WORK REQUEST
Would you please set down the data again exactly as given, excluding the pictures?

[DATASET Boundary: Start]

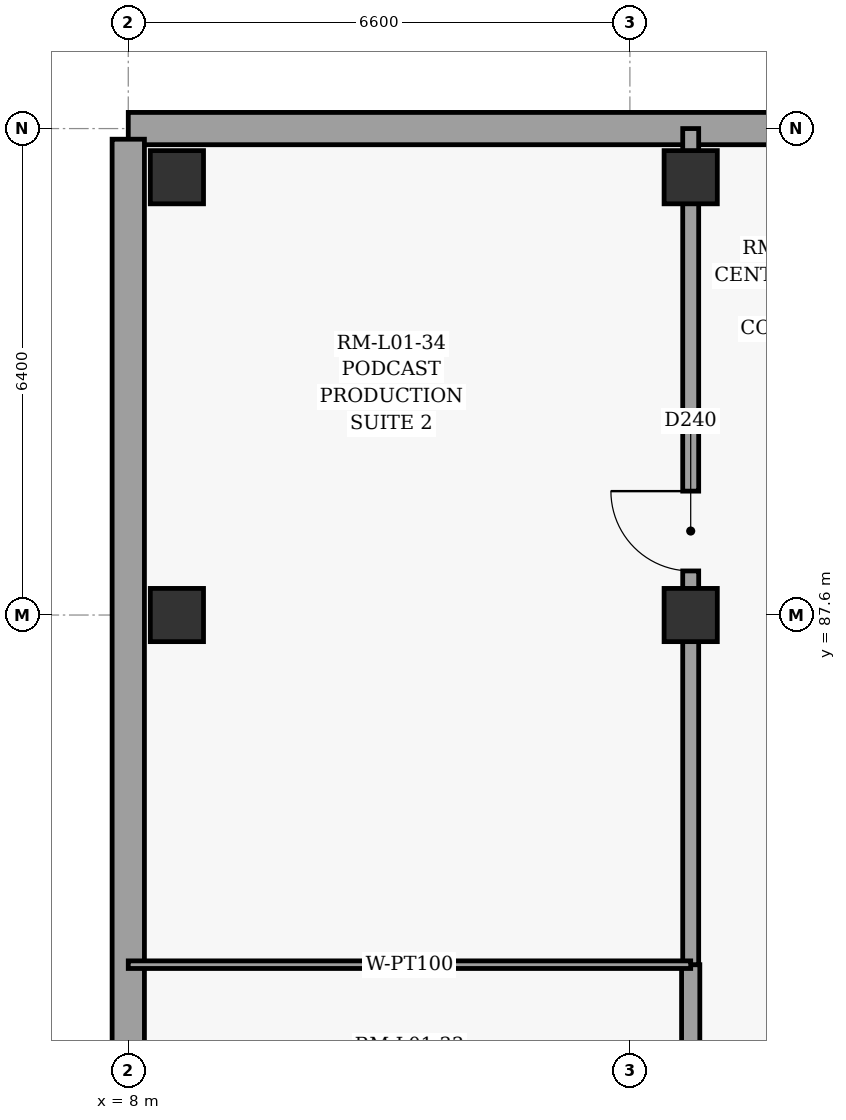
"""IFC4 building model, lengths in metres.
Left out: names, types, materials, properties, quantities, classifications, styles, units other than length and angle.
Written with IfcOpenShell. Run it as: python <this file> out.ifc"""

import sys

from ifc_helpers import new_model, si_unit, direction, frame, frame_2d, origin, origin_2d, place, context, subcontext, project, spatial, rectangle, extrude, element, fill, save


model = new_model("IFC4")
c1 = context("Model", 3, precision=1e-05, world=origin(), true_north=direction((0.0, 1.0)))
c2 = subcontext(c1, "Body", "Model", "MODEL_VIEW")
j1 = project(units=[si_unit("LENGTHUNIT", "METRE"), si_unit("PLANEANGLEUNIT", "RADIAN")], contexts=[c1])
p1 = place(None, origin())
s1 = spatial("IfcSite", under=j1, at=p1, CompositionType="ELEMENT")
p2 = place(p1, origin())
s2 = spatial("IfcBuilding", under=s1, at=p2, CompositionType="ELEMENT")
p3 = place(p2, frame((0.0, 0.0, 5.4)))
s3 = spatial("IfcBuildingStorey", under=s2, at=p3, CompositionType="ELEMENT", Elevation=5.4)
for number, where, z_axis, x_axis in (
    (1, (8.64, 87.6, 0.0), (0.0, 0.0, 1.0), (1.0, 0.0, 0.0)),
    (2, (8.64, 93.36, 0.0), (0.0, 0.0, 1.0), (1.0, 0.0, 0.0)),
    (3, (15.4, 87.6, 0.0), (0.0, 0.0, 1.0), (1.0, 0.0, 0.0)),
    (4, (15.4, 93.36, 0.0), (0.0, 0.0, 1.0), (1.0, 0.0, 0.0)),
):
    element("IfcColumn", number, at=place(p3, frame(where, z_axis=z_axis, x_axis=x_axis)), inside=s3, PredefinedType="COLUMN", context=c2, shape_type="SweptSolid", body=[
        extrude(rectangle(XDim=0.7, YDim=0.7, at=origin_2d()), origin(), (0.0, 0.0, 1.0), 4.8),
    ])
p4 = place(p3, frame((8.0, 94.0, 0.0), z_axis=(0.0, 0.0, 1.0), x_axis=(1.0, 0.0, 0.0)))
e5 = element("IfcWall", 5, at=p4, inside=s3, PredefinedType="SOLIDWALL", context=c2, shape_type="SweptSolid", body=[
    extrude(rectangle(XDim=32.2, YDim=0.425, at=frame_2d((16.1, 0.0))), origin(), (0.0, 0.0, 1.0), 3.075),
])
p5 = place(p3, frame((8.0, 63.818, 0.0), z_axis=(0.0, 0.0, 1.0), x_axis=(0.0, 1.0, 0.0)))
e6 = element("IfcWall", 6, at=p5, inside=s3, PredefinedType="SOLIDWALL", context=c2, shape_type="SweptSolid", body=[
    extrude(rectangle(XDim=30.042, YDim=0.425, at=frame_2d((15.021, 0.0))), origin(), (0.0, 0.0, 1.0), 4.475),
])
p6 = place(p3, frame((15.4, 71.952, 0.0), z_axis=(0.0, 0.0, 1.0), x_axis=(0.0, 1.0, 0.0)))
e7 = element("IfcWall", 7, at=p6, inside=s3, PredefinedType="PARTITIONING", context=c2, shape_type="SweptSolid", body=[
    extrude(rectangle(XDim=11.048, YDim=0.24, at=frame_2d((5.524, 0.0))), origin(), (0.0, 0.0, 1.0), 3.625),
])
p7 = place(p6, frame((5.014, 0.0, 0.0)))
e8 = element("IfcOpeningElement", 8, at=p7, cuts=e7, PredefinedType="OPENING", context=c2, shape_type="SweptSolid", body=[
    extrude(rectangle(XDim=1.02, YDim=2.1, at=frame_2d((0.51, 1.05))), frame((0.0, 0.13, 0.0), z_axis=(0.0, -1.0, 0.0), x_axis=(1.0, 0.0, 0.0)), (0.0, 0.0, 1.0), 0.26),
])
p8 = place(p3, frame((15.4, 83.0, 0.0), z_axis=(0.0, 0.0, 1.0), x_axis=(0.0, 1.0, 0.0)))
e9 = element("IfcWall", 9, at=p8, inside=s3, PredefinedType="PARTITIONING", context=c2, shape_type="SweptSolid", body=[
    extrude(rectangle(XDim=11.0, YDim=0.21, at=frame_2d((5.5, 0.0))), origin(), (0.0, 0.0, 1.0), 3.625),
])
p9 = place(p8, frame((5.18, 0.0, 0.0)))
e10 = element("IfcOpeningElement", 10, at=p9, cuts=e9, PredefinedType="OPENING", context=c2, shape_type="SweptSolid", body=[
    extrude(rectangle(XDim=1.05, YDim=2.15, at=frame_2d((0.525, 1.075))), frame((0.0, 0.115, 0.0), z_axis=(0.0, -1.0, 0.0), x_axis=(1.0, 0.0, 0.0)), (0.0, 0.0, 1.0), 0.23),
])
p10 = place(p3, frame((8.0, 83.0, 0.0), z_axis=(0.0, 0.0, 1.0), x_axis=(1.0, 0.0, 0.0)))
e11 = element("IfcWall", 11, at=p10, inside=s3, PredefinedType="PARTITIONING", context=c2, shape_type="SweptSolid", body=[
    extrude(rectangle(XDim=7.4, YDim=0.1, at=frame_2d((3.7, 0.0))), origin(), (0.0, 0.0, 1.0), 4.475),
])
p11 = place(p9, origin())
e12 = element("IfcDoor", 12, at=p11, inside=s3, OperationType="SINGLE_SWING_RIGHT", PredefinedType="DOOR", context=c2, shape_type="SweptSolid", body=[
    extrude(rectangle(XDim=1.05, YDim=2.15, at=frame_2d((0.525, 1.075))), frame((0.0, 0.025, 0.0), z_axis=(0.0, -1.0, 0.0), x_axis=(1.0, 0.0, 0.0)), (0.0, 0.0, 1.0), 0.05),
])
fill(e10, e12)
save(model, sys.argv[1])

[DATASET Boundary: End]

SOLUTION TO THIS EXERCISE
"""IFC4 building model, lengths in metres.
Left out: names, types, materials, properties, quantities, classifications, styles, units other than length and angle.
Written with IfcOpenShell. Run it as: python <this file> out.ifc"""

import sys

from ifc_helpers import new_model, si_unit, direction, frame, frame_2d, origin, origin_2d, place, context, subcontext, project, spatial, rectangle, extrude, element, fill, save


model = new_model("IFC4")
c1 = context("Model", 3, precision=1e-05, world=origin(), true_north=direction((0.0, 1.0)))
c2 = subcontext(c1, "Body", "Model", "MODEL_VIEW")
j1 = project(units=[si_unit("LENGTHUNIT", "METRE"), si_unit("PLANEANGLEUNIT", "RADIAN")], contexts=[c1])
p1 = place(None, origin())
s1 = spatial("IfcSite", under=j1, at=p1, CompositionType="ELEMENT")
p2 = place(p1, origin())
s2 = spatial("IfcBuilding", under=s1, at=p2, CompositionType="ELEMENT")
p3 = place(p2, frame((0.0, 0.0, 5.4)))
s3 = spatial("IfcBuildingStorey", under=s2, at=p3, CompositionType="ELEMENT", Elevation=5.4)
for number, where, z_axis, x_axis in (
    (1, (8.64, 87.6, 0.0), (0.0, 0.0, 1.0), (1.0, 0.0, 0.0)),
    (2, (8.64, 93.36, 0.0), (0.0, 0.0, 1.0), (1.0, 0.0, 0.0)),
    (3, (15.4, 87.6, 0.0), (0.0, 0.0, 1.0), (1.0, 0.0, 0.0)),
    (4, (15.4, 93.36, 0.0), (0.0, 0.0, 1.0), (1.0, 0.0, 0.0)),
):
    element("IfcColumn", number, at=place(p3, frame(where, z_axis=z_axis, x_axis=x_axis)), inside=s3, PredefinedType="COLUMN", context=c2, shape_type="SweptSolid", body=[
        extrude(rectangle(XDim=0.7, YDim=0.7, at=origin_2d()), origin(), (0.0, 0.0, 1.0), 4.8),
    ])
p4 = place(p3, frame((8.0, 94.0, 0.0), z_axis=(0.0, 0.0, 1.0), x_axis=(1.0, 0.0, 0.0)))
e5 = element("IfcWall", 5, at=p4, inside=s3, PredefinedType="SOLIDWALL", context=c2, shape_type="SweptSolid", body=[
    extrude(rectangle(XDim=32.2, YDim=0.425, at=frame_2d((16.1, 0.0))), origin(), (0.0, 0.0, 1.0), 3.075),
])
p5 = place(p3, frame((8.0, 63.818, 0.0), z_axis=(0.0, 0.0, 1.0), x_axis=(0.0, 1.0, 0.0)))
e6 = element("IfcWall", 6, at=p5, inside=s3, PredefinedType="SOLIDWALL", context=c2, shape_type="SweptSolid", body=[
    extrude(rectangle(XDim=30.042, YDim=0.425, at=frame_2d((15.021, 0.0))), origin(), (0.0, 0.0, 1.0), 4.475),
])
p6 = place(p3, frame((15.4, 71.952, 0.0), z_axis=(0.0, 0.0, 1.0), x_axis=(0.0, 1.0, 0.0)))
e7 = element("IfcWall", 7, at=p6, inside=s3, PredefinedType="PARTITIONING", context=c2, shape_type="SweptSolid", body=[
    extrude(rectangle(XDim=11.048, YDim=0.24, at=frame_2d((5.524, 0.0))), origin(), (0.0, 0.0, 1.0), 3.625),
])
p7 = place(p6, frame((5.014, 0.0, 0.0)))
e8 = element("IfcOpeningElement", 8, at=p7, cuts=e7, PredefinedType="OPENING", context=c2, shape_type="SweptSolid", body=[
    extrude(rectangle(XDim=1.02, YDim=2.1, at=frame_2d((0.51, 1.05))), frame((0.0, 0.13, 0.0), z_axis=(0.0, -1.0, 0.0), x_axis=(1.0, 0.0, 0.0)), (0.0, 0.0, 1.0), 0.26),
])
p8 = place(p3, frame((15.4, 83.0, 0.0), z_axis=(0.0, 0.0, 1.0), x_axis=(0.0, 1.0, 0.0)))
e9 = element("IfcWall", 9, at=p8, inside=s3, PredefinedType="PARTITIONING", context=c2, shape_type="SweptSolid", body=[
    extrude(rectangle(XDim=11.0, YDim=0.21, at=frame_2d((5.5, 0.0))), origin(), (0.0, 0.0, 1.0), 3.625),
])
p9 = place(p8, frame((5.18, 0.0, 0.0)))
e10 = element("IfcOpeningElement", 10, at=p9, cuts=e9, PredefinedType="OPENING", context=c2, shape_type="SweptSolid", body=[
    extrude(rectangle(XDim=1.05, YDim=2.15, at=frame_2d((0.525, 1.075))), frame((0.0, 0.115, 0.0), z_axis=(0.0, -1.0, 0.0), x_axis=(1.0, 0.0, 0.0)), (0.0, 0.0, 1.0), 0.23),
])
p10 = place(p3, frame((8.0, 83.0, 0.0), z_axis=(0.0, 0.0, 1.0), x_axis=(1.0, 0.0, 0.0)))
e11 = element("IfcWall", 11, at=p10, inside=s3, PredefinedType="PARTITIONING", context=c2, shape_type="SweptSolid", body=[
    extrude(rectangle(XDim=7.4, YDim=0.1, at=frame_2d((3.7, 0.0))), origin(), (0.0, 0.0, 1.0), 4.475),
])
p11 = place(p9, origin())
e12 = element("IfcDoor", 12, at=p11, inside=s3, OperationType="SINGLE_SWING_RIGHT", PredefinedType="DOOR", context=c2, shape_type="SweptSolid", body=[
    extrude(rectangle(XDim=1.05, YDim=2.15, at=frame_2d((0.525, 1.075))), frame((0.0, 0.025, 0.0), z_axis=(0.0, -1.0, 0.0), x_axis=(1.0, 0.0, 0.0)), (0.0, 0.0, 1.0), 0.05),
])
fill(e10, e12)
save(model, sys.argv[1])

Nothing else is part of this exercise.